WHAT THE EXERCISE ASKS — Below are entries; output exactly the lines from the one with "each defined once" to the one with "blk.add_line((0, -42), (42, -42))", both included, and nothing else.
═══
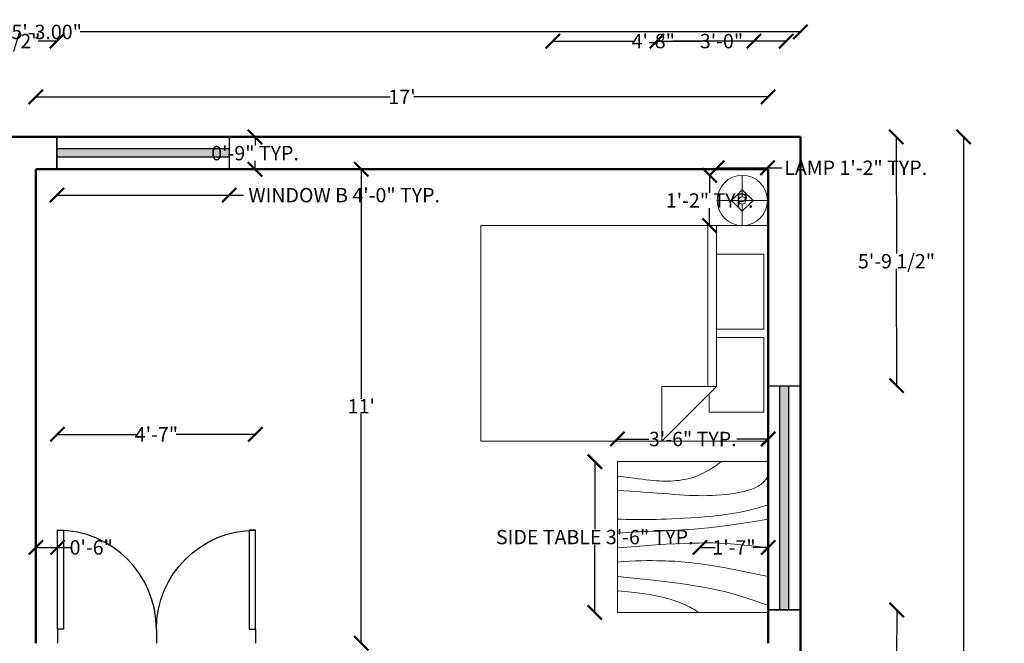
# Model space of a CAD drawing. Units: inches. Extents: x 2466 to 2986, y -30 to 527.
# Tile 5 of 5: x 2711 to 2986, y 354 to 527. Entities that reach past the tile are written whole.
import ezdxf

# ---------------------------------------------------------------- set-up
doc = ezdxf.new("R2010")
doc.units = ezdxf.units.IN
for name, color, linetype, lineweight in [('A-ANNO-DIMS', 2, 'Continuous', 18), ('A-GLAZ', 4, 'Continuous', 25), ('doors', 3, 'Continuous', 25), ('furniture', 6, 'Continuous', 18), ('walls', 40, 'Continuous', 50)]:
    doc.layers.add(name, color=color, linetype=linetype, lineweight=lineweight)
doc.styles.get("Standard").update_dxf_attribs({"font": 'arial.ttf'})
doc.dimstyles.get("Standard").update_dxf_attribs({"dimtxt": 4, "dimasz": 4, "dimexe": 0.18, "dimexo": 0.0625, "dimgap": 0.09, "dimtad": 0, "dimtih": 1, "dimtoh": 1, "dimzin": 0, "dimdsep": 46, "dimlunit": 3, "dimtxsty": 'Standard', "dimblk": 'ARCHTICK', "dimcen": 0.09, "dimse1": 1, "dimse2": 1, "dimclrd": 3, "dimclrt": 2, "dimadec": 0, "dimazin": 0, "dimtfac": 1, "dimtofl": 0, "dimtmove": 0, "dimatfit": 3, "dimfxl": 1, "dimtolj": 1, "dimtzin": 0, "dimarcsym": 0})

# ---------------------------------------------------------------- blocks, each defined once
blk = doc.blocks.new('*U8')
for p, q in [((0, 0), (0, -100)), ((700, 0), (700, -100))]:
    blk.add_line(p, q)
blk.add_lwpolyline([(0, 0), (0, 700), (43.75, 700), (43.75, 0)], close=True)
blk.add_arc((0, 0), 700, 0, 90)
blk = doc.blocks.new('Bed - Queen')
for p, q in [((0, -80.00003), (0, 0)), ((0, 0), (59.99999, 0)), ((59.99999, 0), (59.99999, -80.00003)), ((7.99999, -1.2), (28.79998, -1.2)), ((7.99999, -14.4), (7.99999, -1.2)), ((28.79998, -1.2), (28.79998, -14.4)), ((31.19999, -1.2), (51.99999, -1.2)), ((31.19999, -14.4), (31.19999, -1.2)), ((51.99999, -1.2), (51.99999, -16.4)), ((0, -14.4), (44.8, -14.4)), ((59.99999, -29.6), (44.8, -14.4)), ((44.8, -14.4), (44.8, -29.6)), ((51.99999, -16.4), (46.79936, -16.4)), ((44.8, -16.8), (0, -16.8)), ((44.8, -29.6), (59.99999, -29.6)), ((59.99999, -80.00003), (0, -80.00003))]:
    blk.add_line(p, q)
blk = doc.blocks.new('Lamp - Table')
for p, q in [((0, 7), (0, 1)), ((0, 3), (-3, 0)), ((3, 0), (0, 3)), ((-1, 0), (-7, 0)), ((-3, 0), (0, -3)), ((0, -3), (3, 0)), ((1, 0), (7, 0)), ((0, -1), (0, -7))]:
    blk.add_line(p, q)
for radius in [7, 1]:
    blk.add_circle((0, 0), radius)
blk = doc.blocks.new('Table - Square Woodgrain 42 x 42 in.')
blk.add_line((0, -42), (42, -42))
for points in [[(0, -4), (1.704, -4.2172), (3.2358, -4.4188), (4.615, -4.604), (5.8615, -4.7721), (6.9951, -4.9224), (8.0357, -5.0541), (9.0031, -5.1667), (9.9171, -5.2594), (10.7951, -5.3316), (11.6445, -5.3836), (12.4702, -5.4157), (13.277, -5.4283), (14.0698, -5.4217), (14.8535, -5.3964), (15.6331, -5.3526), (16.4133, -5.2908), (17.1986, -5.2103), (17.9913, -5.1062), (18.793, -4.9727), (19.6056, -4.8038), (20.4307, -4.5937), (21.2701, -4.3365), (22.1256, -4.0262), (22.9989, -3.6571), (23.888, -3.2272), (24.7756, -2.7516), (25.6408, -2.2491), (26.4624, -1.7387), (27.2195, -1.2395), (27.891, -0.7703), (28.456, -0.3501), (28.8934, 0.002)], [(0, -42), (0, 0), (42, 0), (42, -42)], [(0, -8), (1.8203, -8.1001), (3.6741, -8.2149), (5.5411, -8.3408), (7.4011, -8.4741), (9.2339, -8.6112), (11.0193, -8.7484), (12.7371, -8.8821), (14.3671, -9.0086), (15.8954, -9.1246), (17.3337, -9.2278), (18.6997, -9.3159), (20.0116, -9.387), (21.2871, -9.4389), (22.5442, -9.4696), (23.8008, -9.477), (25.0749, -9.459), (26.3791, -9.4137), (27.7049, -9.3403), (29.0383, -9.2382), (30.3655, -9.1068), (31.6728, -8.9455), (32.9461, -8.7535), (34.1717, -8.5304), (35.3358, -8.2756), (36.4268, -7.9863), (37.443, -7.6521), (38.3849, -7.2603), (39.253, -6.7986), (40.048, -6.2542), (40.7705, -5.6147), (41.421, -4.8674), (42, -4)], [(42, -12), (39.1784, -12.8621), (36.4519, -13.5654), (33.8246, -14.1294), (31.3004, -14.5731), (28.8832, -14.9161), (26.577, -15.1775), (24.3858, -15.3768), (22.3136, -15.5332), (20.3622, -15.6632), (18.5254, -15.7718), (16.7947, -15.8612), (15.1618, -15.9338), (13.6183, -15.9916), (12.1558, -16.0369), (10.7659, -16.0718), (9.4403, -16.0987), (8.1703, -16.1191), (6.9461, -16.1325), (5.7577, -16.1377), (4.595, -16.1335), (3.4479, -16.1188), (2.3064, -16.0924), (1.1604, -16.0532), (0, -16)], [(42, -16), (37.6529, -16.7365), (33.8802, -17.329), (30.6179, -17.7961), (27.8015, -18.1561), (25.3668, -18.4275), (23.2497, -18.6288), (21.3859, -18.7785), (19.7111, -18.8949), (18.1693, -18.9939), (16.7375, -19.0795), (15.401, -19.1534), (14.1449, -19.217), (12.9544, -19.2717), (11.8148, -19.3191), (10.7113, -19.3606), (9.6291, -19.3976), (8.5534, -19.4323), (7.47, -19.4689), (6.3643, -19.5122), (5.222, -19.5672), (4.0288, -19.6386), (2.7703, -19.7313), (1.4321, -19.8501), (0, -20)], [(0, -24), (3.9243, -23.6805), (7.4766, -23.4138), (10.6891, -23.1954), (13.5943, -23.0205), (16.2247, -22.8847), (18.6125, -22.7832), (20.7903, -22.7116), (22.7903, -22.6651), (24.6563, -22.642), (26.4764, -22.6507), (28.35, -22.7024), (30.3766, -22.8084), (32.6555, -22.98), (35.2861, -23.2283), (38.3678, -23.5645), (42, -24)], [(42, -32), (37.392, -31.017), (33.4585, -30.2231), (30.1291, -29.5949), (27.3334, -29.109), (25.0009, -28.742), (23.0612, -28.4707), (21.4439, -28.2716), (20.0786, -28.1215), (18.8998, -28.0002), (17.8609, -27.9014), (16.9206, -27.8219), (16.0371, -27.7588), (15.1691, -27.709), (14.2748, -27.6693), (13.3128, -27.6368), (12.2415, -27.6083), (11.0295, -27.5824), (9.6867, -27.5643), (8.233, -27.5608), (6.6884, -27.5787), (5.0728, -27.6248), (3.4062, -27.7058), (1.7086, -27.8286), (0, -28)], [(0, -32), (5.4026, -32.5358), (9.9494, -33.019), (13.7424, -33.4553), (16.8834, -33.8505), (19.4743, -34.2106), (21.6171, -34.5413), (23.4136, -34.8486), (24.9657, -35.1382), (26.3614, -35.4156), (27.6332, -35.6841), (28.7995, -35.9467), (29.8788, -36.2064), (30.8897, -36.4661), (31.8507, -36.7288), (32.7802, -36.9973), (33.6968, -37.2747), (34.6175, -37.5635), (35.5531, -37.8651), (36.5128, -38.1805), (37.506, -38.5108), (38.5421, -38.8568), (39.6302, -39.2197), (40.7797, -39.6004), (42, -40)], [(0, -36), (3.0098, -36.2857), (5.5354, -36.5643), (7.6368, -36.8359), (9.374, -37.1009), (10.807, -37.3597), (11.9957, -37.6126), (13.0002, -37.8599), (13.8804, -38.102), (14.6874, -38.3393), (15.4365, -38.5729), (16.1338, -38.8041), (16.7858, -39.0341), (17.3987, -39.264), (17.9787, -39.4952), (18.5322, -39.7288), (19.0655, -39.9662), (19.5832, -40.2081), (20.0842, -40.4544), (20.5657, -40.7046), (21.0249, -40.9581), (21.459, -41.2144), (21.8653, -41.4731), (22.2409, -41.7335), (22.5831, -41.9951)]]:
    blk.add_lwpolyline(points)
blk = doc.blocks.new('_ArchTick')
at = {"color": 0, "linetype": 'ByBlock', "const_width": 0.15}
blk.add_lwpolyline([(-0.5, -0.5), (0.5, 0.5)], dxfattribs=at)
blk = doc.blocks.new('*D21')
at = {"layer": 'A-ANNO-DIMS', "color": 0, "lineweight": -2, "transparency": 16777216}
for p, q in [((2505.73, 524.05), (2706.38, 524.05)), ((2928.73, 524.05), (2728.07, 524.05))]:
    blk.add_line(p, q, dxfattribs=at)
at = {"layer": 'Defpoints', "color": 0, "transparency": 16777216}
for p in [(2928.73, 524.05), (2505.73, 494.8), (2928.73, 494.8)]:
    blk.add_point(p, dxfattribs=at)
at = {"layer": 'A-ANNO-DIMS', "color": 0, "lineweight": -2, "transparency": 16777216, "xscale": 4, "yscale": 4, "zscale": 4, "rotation": 180}
blk.add_blockref('_ArchTick', (2505.73, 524.05), dxfattribs=at)
at = {"layer": 'A-ANNO-DIMS', "color": 0, "lineweight": -2, "transparency": 16777216, "xscale": 4, "yscale": 4, "zscale": 4}
blk.add_blockref('_ArchTick', (2928.73, 524.05), dxfattribs=at)
at = {"layer": 'A-ANNO-DIMS', "color": 0, "transparency": 16777216, "insert": (2717.23, 524.05), "char_height": 4, "attachment_point": 5}
blk.add_mtext('\\A1;35\'-3.00"', dxfattribs=at)
blk = doc.blocks.new('*D22')
at = {"layer": 'A-ANNO-DIMS', "color": 0, "lineweight": -2, "transparency": 16777216}
for p, q in [((2974.18, 494.8), (2974.18, 249.43)), ((2974.18, -0.2), (2974.18, 245.16))]:
    blk.add_line(p, q, dxfattribs=at)
at = {"layer": 'Defpoints', "color": 0, "transparency": 16777216}
for p in [(2928.73, 494.8), (2928.73, -0.2), (2974.18, -0.2)]:
    blk.add_point(p, dxfattribs=at)
at = {"layer": 'A-ANNO-DIMS', "color": 0, "lineweight": -2, "transparency": 16777216, "xscale": 4, "yscale": 4, "zscale": 4}
for p, rotation in [((2974.18, 494.8), 90), ((2974.18, -0.2), 270)]:
    blk.add_blockref('_ArchTick', p, dxfattribs=dict(at, rotation=rotation))
at = {"layer": 'A-ANNO-DIMS', "color": 0, "transparency": 16777216, "insert": (2974.18, 247.3), "char_height": 4, "attachment_point": 5}
blk.add_mtext('\\A1;41\'-3.00"', dxfattribs=at)
blk = doc.blocks.new('*D24')
at = {"layer": 'A-ANNO-DIMS', "color": 0, "lineweight": -2, "transparency": 16777216}
for p, q in [((2715.73, 505.95), (2814.43, 505.95)), ((2919.73, 505.95), (2821.02, 505.95))]:
    blk.add_line(p, q, dxfattribs=at)
at = {"layer": 'Defpoints', "color": 0, "transparency": 16777216}
for p in [(2919.73, 505.95), (2715.73, 485.8), (2919.73, 485.8)]:
    blk.add_point(p, dxfattribs=at)
at = {"layer": 'A-ANNO-DIMS', "color": 0, "lineweight": -2, "transparency": 16777216, "xscale": 4, "yscale": 4, "zscale": 4, "rotation": 180}
blk.add_blockref('_ArchTick', (2715.73, 505.95), dxfattribs=at)
at = {"layer": 'A-ANNO-DIMS', "color": 0, "lineweight": -2, "transparency": 16777216, "xscale": 4, "yscale": 4, "zscale": 4}
blk.add_blockref('_ArchTick', (2919.73, 505.95), dxfattribs=at)
at = {"layer": 'A-ANNO-DIMS', "color": 0, "transparency": 16777216, "insert": (2817.73, 505.95), "char_height": 4, "attachment_point": 5}
blk.add_mtext("\\A1;17'", dxfattribs=at)
blk = doc.blocks.new('*D26')
at = {"layer": 'A-ANNO-DIMS', "color": 0, "lineweight": -2, "transparency": 16777216}
for p, q in [((2806.39, 485.8), (2806.39, 421.89)), ((2806.39, 353.8), (2806.39, 417.7))]:
    blk.add_line(p, q, dxfattribs=at)
at = {"layer": 'Defpoints', "color": 0, "transparency": 16777216}
for p in [(2715.73, 485.8), (2715.73, 353.8), (2806.39, 353.8)]:
    blk.add_point(p, dxfattribs=at)
at = {"layer": 'A-ANNO-DIMS', "color": 0, "lineweight": -2, "transparency": 16777216, "xscale": 4, "yscale": 4, "zscale": 4}
for p, rotation in [((2806.39, 485.8), 90), ((2806.39, 353.8), 270)]:
    blk.add_blockref('_ArchTick', p, dxfattribs=dict(at, rotation=rotation))
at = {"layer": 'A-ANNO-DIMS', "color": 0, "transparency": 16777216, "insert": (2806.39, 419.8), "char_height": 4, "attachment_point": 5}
═══
RESULT FOR THIS EXERCISE —
# ---------------------------------------------------------------- blocks, each defined once
blk = doc.blocks.new('*U8')
for p, q in [((0, 0), (0, -100)), ((700, 0), (700, -100))]:
    blk.add_line(p, q)
blk.add_lwpolyline([(0, 0), (0, 700), (43.75, 700), (43.75, 0)], close=True)
blk.add_arc((0, 0), 700, 0, 90)
blk = doc.blocks.new('Bed - Queen')
for p, q in [((0, -80.00003), (0, 0)), ((0, 0), (59.99999, 0)), ((59.99999, 0), (59.99999, -80.00003)), ((7.99999, -1.2), (28.79998, -1.2)), ((7.99999, -14.4), (7.99999, -1.2)), ((28.79998, -1.2), (28.79998, -14.4)), ((31.19999, -1.2), (51.99999, -1.2)), ((31.19999, -14.4), (31.19999, -1.2)), ((51.99999, -1.2), (51.99999, -16.4)), ((0, -14.4), (44.8, -14.4)), ((59.99999, -29.6), (44.8, -14.4)), ((44.8, -14.4), (44.8, -29.6)), ((51.99999, -16.4), (46.79936, -16.4)), ((44.8, -16.8), (0, -16.8)), ((44.8, -29.6), (59.99999, -29.6)), ((59.99999, -80.00003), (0, -80.00003))]:
    blk.add_line(p, q)
blk = doc.blocks.new('Lamp - Table')
for p, q in [((0, 7), (0, 1)), ((0, 3), (-3, 0)), ((3, 0), (0, 3)), ((-1, 0), (-7, 0)), ((-3, 0), (0, -3)), ((0, -3), (3, 0)), ((1, 0), (7, 0)), ((0, -1), (0, -7))]:
    blk.add_line(p, q)
for radius in [7, 1]:
    blk.add_circle((0, 0), radius)
blk = doc.blocks.new('Table - Square Woodgrain 42 x 42 in.')
blk.add_line((0, -42), (42, -42))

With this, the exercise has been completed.